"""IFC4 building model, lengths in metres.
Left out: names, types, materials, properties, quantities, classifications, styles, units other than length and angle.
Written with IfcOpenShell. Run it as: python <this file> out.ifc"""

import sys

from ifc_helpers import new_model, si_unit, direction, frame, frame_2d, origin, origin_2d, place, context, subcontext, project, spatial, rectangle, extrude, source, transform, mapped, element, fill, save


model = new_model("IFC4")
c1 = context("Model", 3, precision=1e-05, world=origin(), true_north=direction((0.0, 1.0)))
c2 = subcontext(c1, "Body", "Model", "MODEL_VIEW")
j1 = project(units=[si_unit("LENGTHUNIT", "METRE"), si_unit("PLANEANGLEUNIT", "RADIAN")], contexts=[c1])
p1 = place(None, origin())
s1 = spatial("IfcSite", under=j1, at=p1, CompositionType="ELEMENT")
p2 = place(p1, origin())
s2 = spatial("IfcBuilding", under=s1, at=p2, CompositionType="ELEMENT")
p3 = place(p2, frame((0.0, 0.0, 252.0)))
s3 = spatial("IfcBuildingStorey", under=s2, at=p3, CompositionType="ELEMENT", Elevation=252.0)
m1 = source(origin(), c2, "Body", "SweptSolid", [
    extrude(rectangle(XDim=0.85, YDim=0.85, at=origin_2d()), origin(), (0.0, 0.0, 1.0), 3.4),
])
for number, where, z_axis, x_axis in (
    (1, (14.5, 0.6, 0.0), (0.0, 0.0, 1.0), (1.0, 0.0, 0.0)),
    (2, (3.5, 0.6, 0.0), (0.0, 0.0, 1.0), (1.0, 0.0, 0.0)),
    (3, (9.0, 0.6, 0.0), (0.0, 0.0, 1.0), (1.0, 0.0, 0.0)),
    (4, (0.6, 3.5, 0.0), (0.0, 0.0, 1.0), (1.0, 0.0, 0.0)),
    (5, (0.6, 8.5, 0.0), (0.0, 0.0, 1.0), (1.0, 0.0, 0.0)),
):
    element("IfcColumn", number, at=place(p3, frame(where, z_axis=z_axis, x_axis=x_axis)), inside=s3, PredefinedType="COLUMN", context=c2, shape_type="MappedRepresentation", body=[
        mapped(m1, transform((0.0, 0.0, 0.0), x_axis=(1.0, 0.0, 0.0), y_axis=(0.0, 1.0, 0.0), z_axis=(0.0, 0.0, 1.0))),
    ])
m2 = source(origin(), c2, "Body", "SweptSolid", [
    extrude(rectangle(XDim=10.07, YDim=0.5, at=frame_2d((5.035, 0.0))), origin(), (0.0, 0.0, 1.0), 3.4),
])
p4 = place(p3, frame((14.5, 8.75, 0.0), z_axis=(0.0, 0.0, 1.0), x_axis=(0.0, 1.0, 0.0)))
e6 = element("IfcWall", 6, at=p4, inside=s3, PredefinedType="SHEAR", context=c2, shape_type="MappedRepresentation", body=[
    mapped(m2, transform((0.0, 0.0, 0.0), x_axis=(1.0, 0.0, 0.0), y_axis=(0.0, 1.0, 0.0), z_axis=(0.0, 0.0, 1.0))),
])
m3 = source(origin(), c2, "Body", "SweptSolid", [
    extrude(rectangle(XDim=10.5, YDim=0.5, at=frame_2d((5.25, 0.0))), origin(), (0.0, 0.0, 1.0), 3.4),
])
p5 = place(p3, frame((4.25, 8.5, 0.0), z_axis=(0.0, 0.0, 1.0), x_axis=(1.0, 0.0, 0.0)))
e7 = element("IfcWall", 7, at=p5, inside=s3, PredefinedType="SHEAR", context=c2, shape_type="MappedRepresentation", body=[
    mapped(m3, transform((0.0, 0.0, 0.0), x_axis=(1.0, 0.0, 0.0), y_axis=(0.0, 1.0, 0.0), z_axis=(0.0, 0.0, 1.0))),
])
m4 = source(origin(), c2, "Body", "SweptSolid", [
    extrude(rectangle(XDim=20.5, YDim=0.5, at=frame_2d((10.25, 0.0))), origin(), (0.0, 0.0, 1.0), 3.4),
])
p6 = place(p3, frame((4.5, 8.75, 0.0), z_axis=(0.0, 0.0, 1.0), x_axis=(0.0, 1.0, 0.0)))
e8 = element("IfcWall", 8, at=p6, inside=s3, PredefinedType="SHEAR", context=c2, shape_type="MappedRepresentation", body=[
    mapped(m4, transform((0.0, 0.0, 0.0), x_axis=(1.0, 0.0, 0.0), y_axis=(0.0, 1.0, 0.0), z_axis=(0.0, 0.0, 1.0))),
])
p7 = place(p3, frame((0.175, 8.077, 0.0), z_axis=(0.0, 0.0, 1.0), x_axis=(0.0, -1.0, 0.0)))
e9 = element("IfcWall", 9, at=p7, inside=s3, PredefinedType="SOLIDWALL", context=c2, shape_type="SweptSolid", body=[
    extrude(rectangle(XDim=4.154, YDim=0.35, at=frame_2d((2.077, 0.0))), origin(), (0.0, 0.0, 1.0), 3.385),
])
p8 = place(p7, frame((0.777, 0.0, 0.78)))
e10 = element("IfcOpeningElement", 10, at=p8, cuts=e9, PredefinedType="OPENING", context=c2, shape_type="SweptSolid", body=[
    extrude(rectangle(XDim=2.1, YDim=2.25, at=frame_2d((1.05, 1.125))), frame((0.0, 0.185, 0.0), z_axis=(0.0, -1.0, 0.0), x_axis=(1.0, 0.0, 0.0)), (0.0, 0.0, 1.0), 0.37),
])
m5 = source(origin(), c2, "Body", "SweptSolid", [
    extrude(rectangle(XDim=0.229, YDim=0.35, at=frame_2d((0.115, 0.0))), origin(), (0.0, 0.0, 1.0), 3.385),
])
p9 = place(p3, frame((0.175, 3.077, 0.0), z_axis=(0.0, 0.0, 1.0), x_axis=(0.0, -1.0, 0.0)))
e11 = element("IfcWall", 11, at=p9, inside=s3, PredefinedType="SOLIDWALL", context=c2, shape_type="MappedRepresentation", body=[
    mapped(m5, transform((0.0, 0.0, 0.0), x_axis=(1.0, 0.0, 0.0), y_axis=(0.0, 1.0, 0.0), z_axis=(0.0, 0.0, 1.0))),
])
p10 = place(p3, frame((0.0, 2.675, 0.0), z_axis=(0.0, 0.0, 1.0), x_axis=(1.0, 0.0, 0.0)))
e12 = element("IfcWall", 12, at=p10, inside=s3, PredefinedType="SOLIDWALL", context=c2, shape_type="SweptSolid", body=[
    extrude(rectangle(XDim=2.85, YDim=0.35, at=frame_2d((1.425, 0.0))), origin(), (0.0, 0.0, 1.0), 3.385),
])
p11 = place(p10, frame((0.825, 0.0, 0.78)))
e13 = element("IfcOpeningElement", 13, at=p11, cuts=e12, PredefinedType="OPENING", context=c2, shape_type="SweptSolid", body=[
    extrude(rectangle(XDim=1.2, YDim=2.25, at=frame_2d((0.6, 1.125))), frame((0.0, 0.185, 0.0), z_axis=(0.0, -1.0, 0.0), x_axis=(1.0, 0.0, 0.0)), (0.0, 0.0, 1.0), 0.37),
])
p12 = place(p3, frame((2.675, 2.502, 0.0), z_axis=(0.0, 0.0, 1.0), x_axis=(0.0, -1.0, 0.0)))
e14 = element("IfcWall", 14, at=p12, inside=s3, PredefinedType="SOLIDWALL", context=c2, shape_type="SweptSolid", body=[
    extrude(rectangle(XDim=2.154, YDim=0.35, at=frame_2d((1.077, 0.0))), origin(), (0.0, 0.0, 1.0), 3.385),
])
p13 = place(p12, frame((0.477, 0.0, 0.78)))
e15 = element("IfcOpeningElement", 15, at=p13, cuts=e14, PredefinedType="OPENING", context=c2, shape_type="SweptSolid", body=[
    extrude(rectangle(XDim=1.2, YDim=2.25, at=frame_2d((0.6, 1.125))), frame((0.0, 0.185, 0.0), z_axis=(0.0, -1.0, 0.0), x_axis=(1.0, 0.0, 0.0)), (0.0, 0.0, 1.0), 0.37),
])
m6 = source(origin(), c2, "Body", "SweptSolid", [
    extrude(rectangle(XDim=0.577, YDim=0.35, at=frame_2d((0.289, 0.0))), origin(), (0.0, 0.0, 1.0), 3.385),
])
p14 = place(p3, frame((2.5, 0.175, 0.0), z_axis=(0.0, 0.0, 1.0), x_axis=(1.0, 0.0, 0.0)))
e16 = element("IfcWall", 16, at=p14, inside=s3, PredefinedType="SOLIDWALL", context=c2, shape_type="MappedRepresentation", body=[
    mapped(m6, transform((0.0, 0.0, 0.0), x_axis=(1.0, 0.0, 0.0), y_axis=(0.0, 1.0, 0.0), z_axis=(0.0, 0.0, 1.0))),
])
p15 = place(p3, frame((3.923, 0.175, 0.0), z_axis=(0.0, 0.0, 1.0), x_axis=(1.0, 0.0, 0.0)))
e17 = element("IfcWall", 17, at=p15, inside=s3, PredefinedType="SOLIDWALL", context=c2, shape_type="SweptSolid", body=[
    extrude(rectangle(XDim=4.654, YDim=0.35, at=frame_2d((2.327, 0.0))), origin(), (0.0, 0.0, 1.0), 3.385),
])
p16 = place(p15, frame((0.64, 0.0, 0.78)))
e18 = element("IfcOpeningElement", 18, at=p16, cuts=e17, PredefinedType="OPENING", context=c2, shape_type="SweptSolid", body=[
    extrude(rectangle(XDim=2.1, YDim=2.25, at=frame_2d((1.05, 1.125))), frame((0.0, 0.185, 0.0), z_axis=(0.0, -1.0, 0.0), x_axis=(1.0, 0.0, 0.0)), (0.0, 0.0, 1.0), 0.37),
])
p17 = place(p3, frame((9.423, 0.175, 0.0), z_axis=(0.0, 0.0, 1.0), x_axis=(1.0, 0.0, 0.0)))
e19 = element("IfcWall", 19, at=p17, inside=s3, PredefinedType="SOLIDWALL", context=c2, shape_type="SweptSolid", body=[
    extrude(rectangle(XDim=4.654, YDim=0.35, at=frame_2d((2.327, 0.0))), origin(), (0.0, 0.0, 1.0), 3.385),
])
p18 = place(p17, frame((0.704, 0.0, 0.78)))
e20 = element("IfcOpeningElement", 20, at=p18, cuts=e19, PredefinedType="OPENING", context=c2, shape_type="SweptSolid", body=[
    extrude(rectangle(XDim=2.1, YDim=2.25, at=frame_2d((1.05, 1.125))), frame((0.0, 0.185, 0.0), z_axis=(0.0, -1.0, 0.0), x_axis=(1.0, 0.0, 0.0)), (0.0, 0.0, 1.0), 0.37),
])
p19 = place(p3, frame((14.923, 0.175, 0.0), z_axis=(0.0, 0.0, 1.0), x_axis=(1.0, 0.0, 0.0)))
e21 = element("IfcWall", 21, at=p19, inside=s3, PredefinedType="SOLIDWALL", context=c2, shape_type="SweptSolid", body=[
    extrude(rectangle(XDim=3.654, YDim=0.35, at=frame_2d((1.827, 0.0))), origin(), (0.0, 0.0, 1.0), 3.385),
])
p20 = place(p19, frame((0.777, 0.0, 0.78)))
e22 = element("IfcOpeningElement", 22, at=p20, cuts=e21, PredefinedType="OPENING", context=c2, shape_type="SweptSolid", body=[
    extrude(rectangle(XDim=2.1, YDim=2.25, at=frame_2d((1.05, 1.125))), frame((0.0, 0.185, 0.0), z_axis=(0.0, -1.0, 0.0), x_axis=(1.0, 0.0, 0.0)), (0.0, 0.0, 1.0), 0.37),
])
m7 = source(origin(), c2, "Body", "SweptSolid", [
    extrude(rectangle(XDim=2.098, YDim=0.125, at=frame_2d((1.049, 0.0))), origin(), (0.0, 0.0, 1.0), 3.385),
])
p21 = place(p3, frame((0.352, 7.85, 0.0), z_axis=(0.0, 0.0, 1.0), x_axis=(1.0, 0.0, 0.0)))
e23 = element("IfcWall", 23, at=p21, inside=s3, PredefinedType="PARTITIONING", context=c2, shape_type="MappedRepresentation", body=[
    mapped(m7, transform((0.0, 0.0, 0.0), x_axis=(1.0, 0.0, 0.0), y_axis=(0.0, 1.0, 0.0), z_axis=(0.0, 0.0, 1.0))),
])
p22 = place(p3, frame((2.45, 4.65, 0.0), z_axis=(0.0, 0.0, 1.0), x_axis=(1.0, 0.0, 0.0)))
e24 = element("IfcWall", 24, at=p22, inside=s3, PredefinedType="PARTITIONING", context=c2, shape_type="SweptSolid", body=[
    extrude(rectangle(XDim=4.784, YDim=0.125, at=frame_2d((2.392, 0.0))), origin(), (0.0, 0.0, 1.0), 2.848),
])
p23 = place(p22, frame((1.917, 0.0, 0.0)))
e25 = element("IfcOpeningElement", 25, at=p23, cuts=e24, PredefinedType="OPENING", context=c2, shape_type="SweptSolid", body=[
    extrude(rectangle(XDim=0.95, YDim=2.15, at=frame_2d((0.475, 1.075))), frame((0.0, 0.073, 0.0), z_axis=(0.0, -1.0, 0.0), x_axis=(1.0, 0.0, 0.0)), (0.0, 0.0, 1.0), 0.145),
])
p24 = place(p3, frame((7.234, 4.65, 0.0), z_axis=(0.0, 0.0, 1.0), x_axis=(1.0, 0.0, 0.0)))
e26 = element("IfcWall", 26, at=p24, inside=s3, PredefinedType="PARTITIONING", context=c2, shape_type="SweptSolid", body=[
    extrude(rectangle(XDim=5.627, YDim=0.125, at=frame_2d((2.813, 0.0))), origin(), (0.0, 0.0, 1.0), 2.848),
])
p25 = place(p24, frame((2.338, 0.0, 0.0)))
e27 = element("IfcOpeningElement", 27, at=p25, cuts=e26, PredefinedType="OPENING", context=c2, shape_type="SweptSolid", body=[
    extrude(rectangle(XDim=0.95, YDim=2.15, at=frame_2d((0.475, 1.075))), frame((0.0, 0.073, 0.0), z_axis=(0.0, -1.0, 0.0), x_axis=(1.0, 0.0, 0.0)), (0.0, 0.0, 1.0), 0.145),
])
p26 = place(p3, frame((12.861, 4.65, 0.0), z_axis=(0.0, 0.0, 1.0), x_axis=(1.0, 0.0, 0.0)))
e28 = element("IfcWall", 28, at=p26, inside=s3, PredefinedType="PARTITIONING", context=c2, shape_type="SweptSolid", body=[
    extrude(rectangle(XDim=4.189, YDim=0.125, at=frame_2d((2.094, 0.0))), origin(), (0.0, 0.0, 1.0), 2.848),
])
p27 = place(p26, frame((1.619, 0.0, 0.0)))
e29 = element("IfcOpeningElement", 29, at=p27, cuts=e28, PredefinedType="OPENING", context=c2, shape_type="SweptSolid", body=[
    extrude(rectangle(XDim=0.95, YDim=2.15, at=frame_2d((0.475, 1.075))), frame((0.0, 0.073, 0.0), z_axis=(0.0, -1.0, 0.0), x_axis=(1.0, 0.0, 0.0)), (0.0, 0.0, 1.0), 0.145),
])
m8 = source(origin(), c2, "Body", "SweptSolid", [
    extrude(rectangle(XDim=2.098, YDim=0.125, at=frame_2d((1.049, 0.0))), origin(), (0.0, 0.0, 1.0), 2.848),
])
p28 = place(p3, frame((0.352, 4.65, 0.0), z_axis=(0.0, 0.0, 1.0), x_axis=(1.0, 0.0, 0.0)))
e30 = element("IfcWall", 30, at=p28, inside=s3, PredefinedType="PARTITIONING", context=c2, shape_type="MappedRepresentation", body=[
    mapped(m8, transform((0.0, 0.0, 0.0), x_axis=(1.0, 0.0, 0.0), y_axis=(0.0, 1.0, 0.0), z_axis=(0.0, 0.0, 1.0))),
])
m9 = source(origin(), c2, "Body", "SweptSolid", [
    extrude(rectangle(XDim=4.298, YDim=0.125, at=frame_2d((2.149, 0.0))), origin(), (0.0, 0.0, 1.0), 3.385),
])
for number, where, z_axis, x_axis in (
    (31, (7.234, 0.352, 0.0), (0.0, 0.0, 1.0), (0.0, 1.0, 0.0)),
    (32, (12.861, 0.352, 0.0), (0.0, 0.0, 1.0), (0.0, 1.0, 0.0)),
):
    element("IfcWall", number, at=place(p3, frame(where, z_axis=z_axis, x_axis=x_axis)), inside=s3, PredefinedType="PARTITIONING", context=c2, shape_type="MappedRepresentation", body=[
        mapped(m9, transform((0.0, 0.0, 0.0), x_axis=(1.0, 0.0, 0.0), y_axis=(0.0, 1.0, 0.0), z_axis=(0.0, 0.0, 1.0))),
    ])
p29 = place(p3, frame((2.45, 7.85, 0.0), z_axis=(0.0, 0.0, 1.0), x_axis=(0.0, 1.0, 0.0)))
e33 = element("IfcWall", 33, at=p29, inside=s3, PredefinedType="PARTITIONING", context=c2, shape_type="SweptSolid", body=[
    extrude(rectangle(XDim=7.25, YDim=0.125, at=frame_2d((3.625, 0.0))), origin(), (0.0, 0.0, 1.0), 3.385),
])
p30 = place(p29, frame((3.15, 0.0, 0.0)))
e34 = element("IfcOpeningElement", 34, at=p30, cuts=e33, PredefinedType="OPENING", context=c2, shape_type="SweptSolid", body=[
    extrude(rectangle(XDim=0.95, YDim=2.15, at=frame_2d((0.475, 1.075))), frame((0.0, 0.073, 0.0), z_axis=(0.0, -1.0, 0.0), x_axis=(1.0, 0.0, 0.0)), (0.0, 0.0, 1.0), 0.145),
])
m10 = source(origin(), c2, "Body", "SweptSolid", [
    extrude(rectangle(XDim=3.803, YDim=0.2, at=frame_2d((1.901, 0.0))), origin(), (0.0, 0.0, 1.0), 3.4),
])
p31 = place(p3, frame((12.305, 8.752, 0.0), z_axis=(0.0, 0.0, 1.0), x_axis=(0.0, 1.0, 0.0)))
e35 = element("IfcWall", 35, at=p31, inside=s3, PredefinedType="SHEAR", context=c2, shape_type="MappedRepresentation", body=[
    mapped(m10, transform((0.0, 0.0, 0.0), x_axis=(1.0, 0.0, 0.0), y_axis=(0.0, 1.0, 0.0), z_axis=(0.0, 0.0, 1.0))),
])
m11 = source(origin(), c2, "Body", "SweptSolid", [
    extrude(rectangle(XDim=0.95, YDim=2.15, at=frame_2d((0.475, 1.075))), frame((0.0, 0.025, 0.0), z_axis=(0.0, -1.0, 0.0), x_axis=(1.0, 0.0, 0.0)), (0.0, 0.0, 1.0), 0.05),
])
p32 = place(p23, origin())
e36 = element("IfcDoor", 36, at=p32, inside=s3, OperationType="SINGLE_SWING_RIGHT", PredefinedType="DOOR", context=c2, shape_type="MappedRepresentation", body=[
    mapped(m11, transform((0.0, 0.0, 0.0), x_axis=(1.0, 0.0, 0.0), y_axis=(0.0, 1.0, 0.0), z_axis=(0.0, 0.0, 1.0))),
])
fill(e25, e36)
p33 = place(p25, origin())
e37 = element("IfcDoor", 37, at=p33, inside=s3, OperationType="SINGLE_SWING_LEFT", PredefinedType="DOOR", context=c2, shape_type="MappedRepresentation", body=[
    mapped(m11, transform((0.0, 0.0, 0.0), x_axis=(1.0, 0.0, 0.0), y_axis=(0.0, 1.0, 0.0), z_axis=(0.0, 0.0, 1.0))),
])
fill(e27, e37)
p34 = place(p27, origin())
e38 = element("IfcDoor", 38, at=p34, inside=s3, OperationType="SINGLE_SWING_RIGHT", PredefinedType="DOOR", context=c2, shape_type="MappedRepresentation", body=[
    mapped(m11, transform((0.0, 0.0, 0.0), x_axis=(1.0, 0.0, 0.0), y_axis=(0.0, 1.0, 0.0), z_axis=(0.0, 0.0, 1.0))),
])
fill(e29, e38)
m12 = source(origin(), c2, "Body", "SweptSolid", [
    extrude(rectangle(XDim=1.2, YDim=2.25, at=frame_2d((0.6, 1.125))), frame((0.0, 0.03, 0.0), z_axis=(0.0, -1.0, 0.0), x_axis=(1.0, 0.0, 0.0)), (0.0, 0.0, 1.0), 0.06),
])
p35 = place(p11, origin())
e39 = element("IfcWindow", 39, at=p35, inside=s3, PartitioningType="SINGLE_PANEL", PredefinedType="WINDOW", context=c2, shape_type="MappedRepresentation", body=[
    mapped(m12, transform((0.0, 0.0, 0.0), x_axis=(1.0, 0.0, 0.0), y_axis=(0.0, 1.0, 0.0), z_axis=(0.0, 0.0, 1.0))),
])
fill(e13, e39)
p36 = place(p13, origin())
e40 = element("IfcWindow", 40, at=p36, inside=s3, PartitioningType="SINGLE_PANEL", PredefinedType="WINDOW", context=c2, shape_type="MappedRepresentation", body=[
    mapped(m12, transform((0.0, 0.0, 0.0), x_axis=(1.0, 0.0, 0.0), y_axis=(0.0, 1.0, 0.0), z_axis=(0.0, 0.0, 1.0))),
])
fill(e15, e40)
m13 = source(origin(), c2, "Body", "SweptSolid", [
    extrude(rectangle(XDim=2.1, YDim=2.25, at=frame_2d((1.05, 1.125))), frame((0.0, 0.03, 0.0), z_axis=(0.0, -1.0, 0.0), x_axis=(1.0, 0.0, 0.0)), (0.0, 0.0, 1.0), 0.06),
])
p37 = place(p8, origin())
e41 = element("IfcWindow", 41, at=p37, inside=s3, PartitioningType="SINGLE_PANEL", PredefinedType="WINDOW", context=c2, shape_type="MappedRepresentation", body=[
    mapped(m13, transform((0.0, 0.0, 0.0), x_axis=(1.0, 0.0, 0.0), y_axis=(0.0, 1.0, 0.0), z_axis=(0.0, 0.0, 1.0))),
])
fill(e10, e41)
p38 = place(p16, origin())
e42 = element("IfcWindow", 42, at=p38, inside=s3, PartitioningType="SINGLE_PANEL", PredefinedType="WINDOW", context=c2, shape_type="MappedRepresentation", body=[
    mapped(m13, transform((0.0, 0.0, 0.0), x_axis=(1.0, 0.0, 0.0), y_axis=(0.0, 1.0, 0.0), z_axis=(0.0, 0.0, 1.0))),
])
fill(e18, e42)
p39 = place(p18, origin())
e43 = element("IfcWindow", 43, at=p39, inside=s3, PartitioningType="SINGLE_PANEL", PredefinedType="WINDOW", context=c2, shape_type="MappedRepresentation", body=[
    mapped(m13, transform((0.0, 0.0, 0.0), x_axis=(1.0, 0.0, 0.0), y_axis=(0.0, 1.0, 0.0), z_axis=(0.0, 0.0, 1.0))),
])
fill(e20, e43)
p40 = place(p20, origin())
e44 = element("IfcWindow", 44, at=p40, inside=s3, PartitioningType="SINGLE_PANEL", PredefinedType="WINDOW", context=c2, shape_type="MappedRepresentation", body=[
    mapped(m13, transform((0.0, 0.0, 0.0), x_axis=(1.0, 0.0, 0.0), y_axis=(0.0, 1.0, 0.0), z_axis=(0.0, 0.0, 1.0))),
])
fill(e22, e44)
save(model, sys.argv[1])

### Work order
The string "import" marks the lines to return from the material. Copy each one.

### Exercise output
import sys
from ifc_helpers import new_model, si_unit, direction, frame, frame_2d, origin, origin_2d, place, context, subcontext, project, spatial, rectangle, extrude, source, transform, mapped, element, fill, save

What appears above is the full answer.